→ INFORMATION SHOWN
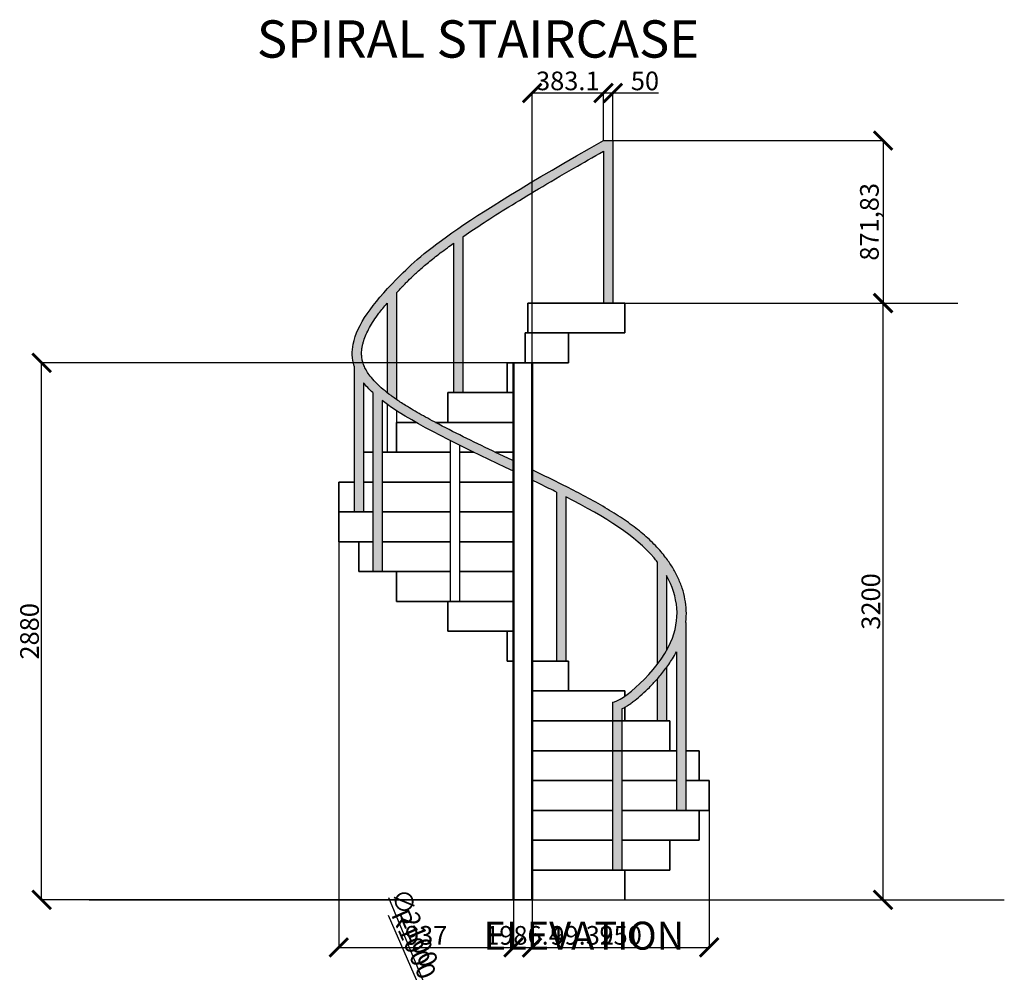
# Model space of a CAD drawing. Units: millimetres. Extents: x 210 to 5648, y 83 to 7906.
# Tile 2 of 2: x 210 to 5490, y 2798 to 7906. Entities that reach past the tile are written whole.
import ezdxf

# ---------------------------------------------------------------- set-up
doc = ezdxf.new("R2010")
doc.units = ezdxf.units.MM
for name, color, linetype, lineweight in [('A-ANNO-DIMS', 2, 'Continuous', 18), ('A-ANNO-TEXT', 240, 'Continuous', 18), ('A-COLS', 1, 'Continuous', 50), ('A-FLOR-HRAL', 4, 'Continuous', 25), ('A-FLOR-LEVL', 8, 'Continuous', 25), ('A-FLOR-PATT', 252, 'Continuous', 13), ('A-FLOR-STRS', 7, 'Continuous', 35)]:
    doc.layers.add(name, color=color, linetype=linetype, lineweight=lineweight)
doc.styles.get("Standard").update_dxf_attribs({"font": 'arial.ttf'})
doc.dimstyles.new('ISO-25', dxfattribs={"dimtxt": 100, "dimasz": 100, "dimexe": 1.25, "dimexo": 0.625, "dimtad": 1, "dimtxsty": 'Standard', "dimblk": 'ARCHTICK', "dimcen": 2.5, "dimclrd": 2, "dimclre": 5, "dimclrt": 1, "dimadec": 0, "dimazin": 0, "dimtfac": 1, "dimtmove": 0, "dimatfit": 3, "dimfxl": 1, "dimarcsym": 0})

# ---------------------------------------------------------------- blocks, each defined once
blk = doc.blocks.new('_ArchTick')
at = {"color": 0, "linetype": 'ByBlock', "const_width": 0.15}
blk.add_lwpolyline([(-0.5, -0.5), (0.5, 0.5)], dxfattribs=at)
blk = doc.blocks.new('*D4')
at = {"layer": 'A-ANNO-DIMS', "color": 0, "lineweight": -2, "transparency": 16777216}
for p, q in [((4348, 6386.1), (4839.8, 6386.1)), ((4838.6, 6386.1), (4838.6, 3186.1)), ((4348, 3186.1), (4839.8, 3186.1))]:
    blk.add_line(p, q, dxfattribs=at)
at = {"layer": 'Defpoints', "color": 0, "transparency": 16777216}
for p in [(4347.4, 6386.1), (4347.4, 3186.1), (4838.6, 3186.1)]:
    blk.add_point(p, dxfattribs=at)
at = {"layer": 'A-ANNO-DIMS', "color": 0, "lineweight": -2, "transparency": 16777216, "xscale": 100, "yscale": 100, "zscale": 100}
for p, rotation in [((4838.6, 6386.1), 90), ((4838.6, 3186.1), 270)]:
    blk.add_blockref('_ArchTick', p, dxfattribs=dict(at, rotation=rotation))
at = {"layer": 'A-ANNO-DIMS', "color": 0, "transparency": 16777216, "insert": (4786.9, 4786.1), "char_height": 100, "attachment_point": 5, "rotation": 90}
blk.add_mtext('3200', dxfattribs=at)
blk = doc.blocks.new('*D5')
at = {"layer": 'A-ANNO-DIMS', "color": 0, "lineweight": -2, "transparency": 16777216}
for p, q in [((3391.1, 7257.9), (4841.1, 7257.9)), ((4839.8, 7257.9), (4839.8, 6386.1)), ((3391.1, 6386.1), (4841.1, 6386.1))]:
    blk.add_line(p, q, dxfattribs=at)
at = {"layer": 'Defpoints', "color": 0, "transparency": 16777216}
for p in [(3390.5, 7257.9), (3390.5, 6386.1), (4839.8, 6386.1)]:
    blk.add_point(p, dxfattribs=at)
at = {"layer": 'A-ANNO-DIMS', "color": 0, "lineweight": -2, "transparency": 16777216, "xscale": 100, "yscale": 100, "zscale": 100}
for p, rotation in [((4839.8, 7257.9), 90), ((4839.8, 6386.1), 270)]:
    blk.add_blockref('_ArchTick', p, dxfattribs=dict(at, rotation=rotation))
at = {"layer": 'A-ANNO-DIMS', "color": 0, "transparency": 16777216, "insert": (4779.1, 6822), "char_height": 100, "attachment_point": 5, "rotation": 90}
blk.add_mtext('871,83', dxfattribs=at)
blk = doc.blocks.new('*D9')
at = {"layer": 'A-ANNO-DIMS', "color": 5, "lineweight": -2, "transparency": 16777216}
for p, q in [((2957.4, 6066.7), (2957.4, 7514.2)), ((3340.5, 7258.6), (3340.5, 7514.2))]:
    blk.add_line(p, q, dxfattribs=at)
at = {"layer": 'A-ANNO-DIMS', "color": 2, "lineweight": -2, "transparency": 16777216}
blk.add_line((2957.4, 7512.9), (3340.5, 7512.9), dxfattribs=at)
at = {"layer": 'Defpoints', "color": 0, "transparency": 16777216}
for p in [(3340.5, 7512.9), (3340.5, 7257.9), (2957.4, 6066.1)]:
    blk.add_point(p, dxfattribs=at)
at = {"layer": 'A-ANNO-DIMS', "color": 2, "lineweight": -2, "transparency": 16777216, "xscale": 100, "yscale": 100, "zscale": 100, "rotation": 180}
blk.add_blockref('_ArchTick', (2957.4, 7512.9), dxfattribs=at)
at = {"layer": 'A-ANNO-DIMS', "color": 2, "lineweight": -2, "transparency": 16777216, "xscale": 100, "yscale": 100, "zscale": 100}
blk.add_blockref('_ArchTick', (3340.5, 7512.9), dxfattribs=at)
at = {"layer": 'A-ANNO-DIMS', "color": 1, "transparency": 16777216, "insert": (3149, 7564.7), "char_height": 100, "attachment_point": 5}
blk.add_mtext('383.1', dxfattribs=at)
blk = doc.blocks.new('*D10')
at = {"layer": 'A-ANNO-DIMS', "color": 5, "lineweight": -2, "transparency": 16777216}
for p, q in [((3340.5, 7258.6), (3340.5, 7514.2)), ((3390.5, 7258.6), (3390.5, 7514.2))]:
    blk.add_line(p, q, dxfattribs=at)
at = {"layer": 'A-ANNO-DIMS', "color": 2, "lineweight": -2, "transparency": 16777216}
for p, q in [((3340.5, 7512.9), (3390.5, 7512.9)), ((3390.5, 7512.9), (3634.7, 7512.9))]:
    blk.add_line(p, q, dxfattribs=at)
at = {"layer": 'Defpoints', "color": 0, "transparency": 16777216}
for p in [(3390.5, 7512.9), (3340.5, 7257.9), (3390.5, 7257.9)]:
    blk.add_point(p, dxfattribs=at)
at = {"layer": 'A-ANNO-DIMS', "color": 2, "lineweight": -2, "transparency": 16777216, "xscale": 100, "yscale": 100, "zscale": 100, "rotation": 180}
blk.add_blockref('_ArchTick', (3340.5, 7512.9), dxfattribs=at)
at = {"layer": 'A-ANNO-DIMS', "color": 2, "lineweight": -2, "transparency": 16777216, "xscale": 100, "yscale": 100, "zscale": 100}
blk.add_blockref('_ArchTick', (3390.5, 7512.9), dxfattribs=at)
at = {"layer": 'A-ANNO-DIMS', "color": 1, "transparency": 16777216, "insert": (3562.6, 7564.6), "char_height": 100, "attachment_point": 5}
blk.add_mtext('50', dxfattribs=at)
blk = doc.blocks.new('*D11')
at = {"layer": 'A-ANNO-DIMS', "color": 5, "lineweight": -2, "transparency": 16777216}
for p, q in [((2957.4, 3825.5), (2957.4, 2929.9)), ((3907.4, 3825.5), (3907.4, 2929.9))]:
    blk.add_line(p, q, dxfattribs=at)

→ ACTIVITY
Set down exactly the lines of the material above from the one with "blk.add_blockref('_ArchTick', (3390.5, 7512.9), dxfattribs=at)" through the end. Include both ends and nothing else.

→ TASK SOLUTION
blk.add_blockref('_ArchTick', (3390.5, 7512.9), dxfattribs=at)
at = {"layer": 'A-ANNO-DIMS', "color": 1, "transparency": 16777216, "insert": (3562.6, 7564.6), "char_height": 100, "attachment_point": 5}
blk.add_mtext('50', dxfattribs=at)
blk = doc.blocks.new('*D11')
at = {"layer": 'A-ANNO-DIMS', "color": 5, "lineweight": -2, "transparency": 16777216}
for p, q in [((2957.4, 3825.5), (2957.4, 2929.9)), ((3907.4, 3825.5), (3907.4, 2929.9))]:
    blk.add_line(p, q, dxfattribs=at)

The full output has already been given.